[Dataset entries]
* * *
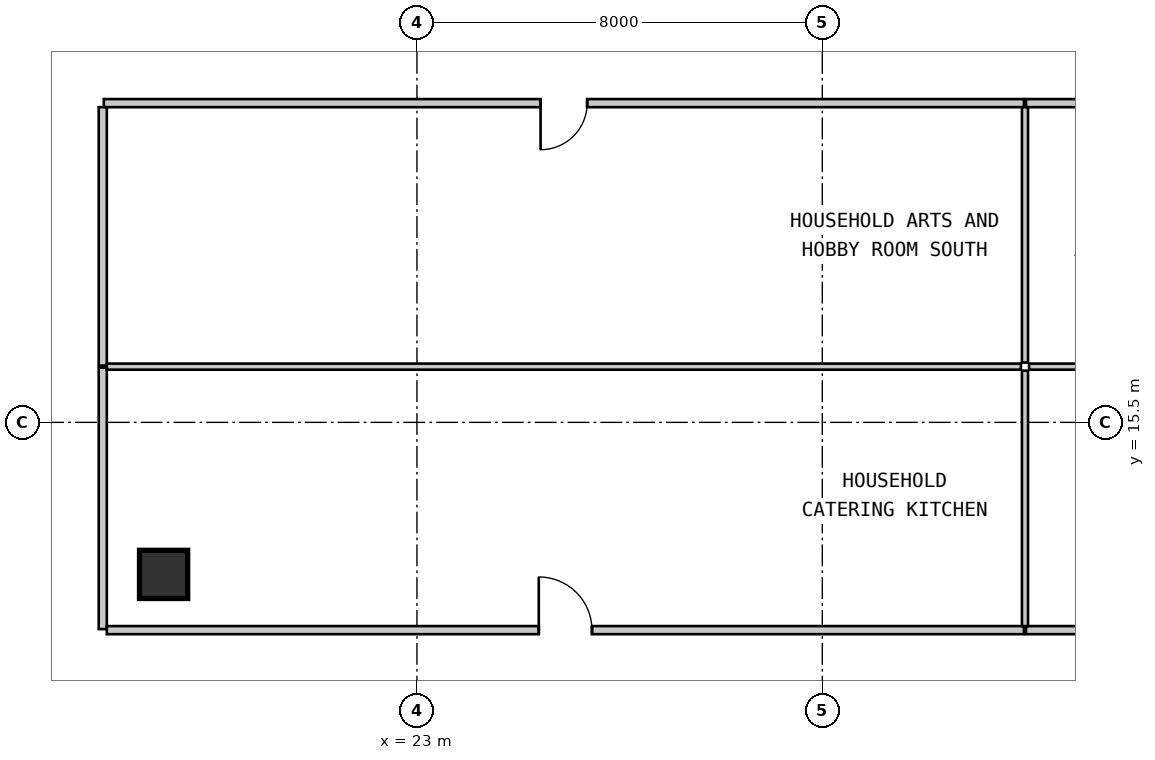
"""IFC4 building model, lengths in metres.
Left out: names, types, materials, properties, quantities, classifications, styles, units other than length and angle.
Written with IfcOpenShell. Run it as: python <this file> out.ifc"""

import sys

from ifc_helpers import new_model, si_unit, direction, frame, frame_2d, origin, origin_2d, place, context, subcontext, project, spatial, rectangle, extrude, source, transform, mapped, element, fill, save


model = new_model("IFC4")
c1 = context("Model", 3, precision=1e-05, world=origin(), true_north=direction((0.0, 1.0)))
c2 = subcontext(c1, "Body", "Model", "MODEL_VIEW")
j1 = project(units=[si_unit("LENGTHUNIT", "METRE"), si_unit("PLANEANGLEUNIT", "RADIAN")], contexts=[c1])
p1 = place(None, origin())
s1 = spatial("IfcSite", under=j1, at=p1, CompositionType="ELEMENT")
p2 = place(p1, origin())
s2 = spatial("IfcBuilding", under=s1, at=p2, CompositionType="ELEMENT")
p3 = place(p2, frame((0.0, 0.0, 19.95)))
s3 = spatial("IfcBuildingStorey", under=s2, at=p3, CompositionType="ELEMENT", Elevation=19.95)
m1 = source(origin(), c2, "Body", "SweptSolid", [
    extrude(rectangle(XDim=0.95, YDim=0.95, at=origin_2d()), origin(), (0.0, 0.0, 1.0), 3.15),
])
p4 = place(p3, frame((18.0, 12.5, 0.0), z_axis=(0.0, 0.0, 1.0), x_axis=(1.0, 0.0, 0.0)))
e1 = element("IfcColumn", 1, at=p4, inside=s3, PredefinedType="COLUMN", context=c2, shape_type="MappedRepresentation", body=[
    mapped(m1, transform((0.0, 0.0, 0.0), scale=1.0)),
])
m2 = source(origin(), c2, "Body", "SweptSolid", [
    extrude(rectangle(XDim=5.16, YDim=0.16, at=frame_2d((2.58, 0.0))), origin(), (0.0, 0.0, 1.0), 2.93),
])
p5 = place(p3, frame((16.8, 16.58, 0.0), z_axis=(0.0, 0.0, 1.0), x_axis=(0.0, -1.0, 0.0)))
e2 = element("IfcWall", 2, at=p5, inside=s3, PredefinedType="PARTITIONING", context=c2, shape_type="MappedRepresentation", body=[
    mapped(m2, transform((0.0, 0.0, 0.0), scale=1.0)),
])
m3 = source(origin(), c2, "Body", "SweptSolid", [
    extrude(rectangle(XDim=18.159, YDim=0.16, at=frame_2d((9.08, 0.0))), origin(), (0.0, 0.0, 1.0), 2.93),
])
p6 = place(p3, frame((34.98, 21.8, 0.0), z_axis=(0.0, 0.0, 1.0), x_axis=(-1.0, 0.0, 0.0)))
e3 = element("IfcWall", 3, at=p6, inside=s3, PredefinedType="PARTITIONING", context=c2, shape_type="MappedRepresentation", body=[
    mapped(m3, transform((0.0, 0.0, 0.0), scale=1.0)),
])
m4 = source(origin(), c2, "Body", "SweptSolid", [
    extrude(rectangle(XDim=0.92, YDim=2.1, at=frame_2d((0.46, 1.05))), frame((0.0, 0.09, 0.0), z_axis=(0.0, -1.0, 0.0), x_axis=(1.0, 0.0, 0.0)), (0.0, 0.0, 1.0), 0.18),
])
p7 = place(p6, frame((8.62, 0.0, 0.0)))
e4 = element("IfcOpeningElement", 4, at=p7, cuts=e3, PredefinedType="OPENING", context=c2, shape_type="MappedRepresentation", body=[
    mapped(m4, transform((0.0, 0.0, 0.0), scale=1.0)),
])
m5 = source(origin(), c2, "Body", "SweptSolid", [
    extrude(rectangle(XDim=5.1, YDim=0.16, at=frame_2d((2.55, 0.0))), origin(), (0.0, 0.0, 1.0), 2.93),
])
p8 = place(p3, frame((16.8, 21.72, 0.0), z_axis=(0.0, 0.0, 1.0), x_axis=(0.0, -1.0, 0.0)))
e5 = element("IfcWall", 5, at=p8, inside=s3, PredefinedType="PARTITIONING", context=c2, shape_type="MappedRepresentation", body=[
    mapped(m5, transform((0.0, 0.0, 0.0), scale=1.0)),
])
p9 = place(p3, frame((53.18, 21.8, 0.0), z_axis=(0.0, 0.0, 1.0), x_axis=(-1.0, 0.0, 0.0)))
e6 = element("IfcWall", 6, at=p9, inside=s3, PredefinedType="PARTITIONING", context=c2, shape_type="MappedRepresentation", body=[
    mapped(m3, transform((0.0, 0.0, 0.0), scale=1.0)),
])
p10 = place(p9, frame((8.62, 0.0, 0.0)))
e7 = element("IfcOpeningElement", 7, at=p10, cuts=e6, PredefinedType="OPENING", context=c2, shape_type="MappedRepresentation", body=[
    mapped(m4, transform((0.0, 0.0, 0.0), scale=1.0)),
])
m6 = source(origin(), c2, "Body", "SweptSolid", [
    extrude(rectangle(XDim=18.1, YDim=0.16, at=frame_2d((9.05, 0.0))), origin(), (0.0, 0.0, 1.0), 2.93),
])
p11 = place(p3, frame((16.88, 11.4, 0.0), z_axis=(0.0, 0.0, 1.0), x_axis=(1.0, 0.0, 0.0)))
e8 = element("IfcWall", 8, at=p11, inside=s3, PredefinedType="PARTITIONING", context=c2, shape_type="MappedRepresentation", body=[
    mapped(m6, transform((0.0, 0.0, 0.0), scale=1.0)),
])
m7 = source(origin(), c2, "Body", "SweptSolid", [
    extrude(rectangle(XDim=1.05, YDim=2.1, at=frame_2d((0.525, 1.05))), frame((0.0, 0.09, 0.0), z_axis=(0.0, -1.0, 0.0), x_axis=(1.0, 0.0, 0.0)), (0.0, 0.0, 1.0), 0.18),
])
p12 = place(p11, frame((8.525, 0.0, 0.0)))
e9 = element("IfcOpeningElement", 9, at=p12, cuts=e8, PredefinedType="OPENING", context=c2, shape_type="MappedRepresentation", body=[
    mapped(m7, transform((0.0, 0.0, 0.0), scale=1.0)),
])
p13 = place(p3, frame((35.02, 11.4, 0.0), z_axis=(0.0, 0.0, 1.0), x_axis=(1.0, 0.0, 0.0)))
e10 = element("IfcWall", 10, at=p13, inside=s3, PredefinedType="PARTITIONING", context=c2, shape_type="MappedRepresentation", body=[
    mapped(m6, transform((0.0, 0.0, 0.0), scale=1.0)),
])
p14 = place(p13, frame((8.525, 0.0, 0.0)))
e11 = element("IfcOpeningElement", 11, at=p14, cuts=e10, PredefinedType="OPENING", context=c2, shape_type="MappedRepresentation", body=[
    mapped(m7, transform((0.0, 0.0, 0.0), scale=1.0)),
])
m8 = source(origin(), c2, "Body", "SweptSolid", [
    extrude(rectangle(XDim=18.04, YDim=0.12, at=frame_2d((9.02, 0.0))), origin(), (0.0, 0.0, 1.0), 2.93),
])
p15 = place(p3, frame((16.88, 16.6, 0.0), z_axis=(0.0, 0.0, 1.0), x_axis=(1.0, 0.0, 0.0)))
e12 = element("IfcWall", 12, at=p15, inside=s3, PredefinedType="PARTITIONING", context=c2, shape_type="MappedRepresentation", body=[
    mapped(m8, transform((0.0, 0.0, 0.0), scale=1.0)),
])
m9 = source(origin(), c2, "Body", "SweptSolid", [
    extrude(rectangle(XDim=5.04, YDim=0.12, at=frame_2d((2.52, 0.0))), origin(), (0.0, 0.0, 1.0), 2.93),
])
for number, where, z_axis, x_axis in (
    (13, (35.0, 16.52, 0.0), (0.0, 0.0, 1.0), (0.0, -1.0, 0.0)),
    (14, (35.0, 21.72, 0.0), (0.0, 0.0, 1.0), (0.0, -1.0, 0.0)),
):
    element("IfcWall", number, at=place(p3, frame(where, z_axis=z_axis, x_axis=x_axis)), inside=s3, PredefinedType="PARTITIONING", context=c2, shape_type="MappedRepresentation", body=[
        mapped(m9, transform((0.0, 0.0, 0.0), scale=1.0)),
    ])
p16 = place(p3, frame((35.08, 16.6, 0.0), z_axis=(0.0, 0.0, 1.0), x_axis=(1.0, 0.0, 0.0)))
e15 = element("IfcWall", 15, at=p16, inside=s3, PredefinedType="PARTITIONING", context=c2, shape_type="MappedRepresentation", body=[
    mapped(m8, transform((0.0, 0.0, 0.0), scale=1.0)),
])
m10 = source(origin(), c2, "Body", "SweptSolid", [
    extrude(rectangle(XDim=0.92, YDim=2.1, at=frame_2d((0.46, 1.05))), frame((0.0, 0.025, 0.0), z_axis=(0.0, -1.0, 0.0), x_axis=(1.0, 0.0, 0.0)), (0.0, 0.0, 1.0), 0.05),
])
p17 = place(p7, origin())
e16 = element("IfcDoor", 16, at=p17, inside=s3, OperationType="SINGLE_SWING_RIGHT", PredefinedType="DOOR", context=c2, shape_type="MappedRepresentation", body=[
    mapped(m10, transform((0.0, 0.0, 0.0), scale=1.0)),
])
fill(e4, e16)
m11 = source(origin(), c2, "Body", "SweptSolid", [
    extrude(rectangle(XDim=1.05, YDim=2.1, at=frame_2d((0.525, 1.05))), frame((0.0, 0.025, 0.0), z_axis=(0.0, -1.0, 0.0), x_axis=(1.0, 0.0, 0.0)), (0.0, 0.0, 1.0), 0.05),
])
p18 = place(p12, origin())
e17 = element("IfcDoor", 17, at=p18, inside=s3, OperationType="SINGLE_SWING_LEFT", PredefinedType="DOOR", context=c2, shape_type="MappedRepresentation", body=[
    mapped(m11, transform((0.0, 0.0, 0.0), scale=1.0)),
])
fill(e9, e17)
save(model, sys.argv[1])
* * *
● Prompt: Scan the records above line by line, counting those where the word "direction" appears, and give the count alone.

● Written reply: 2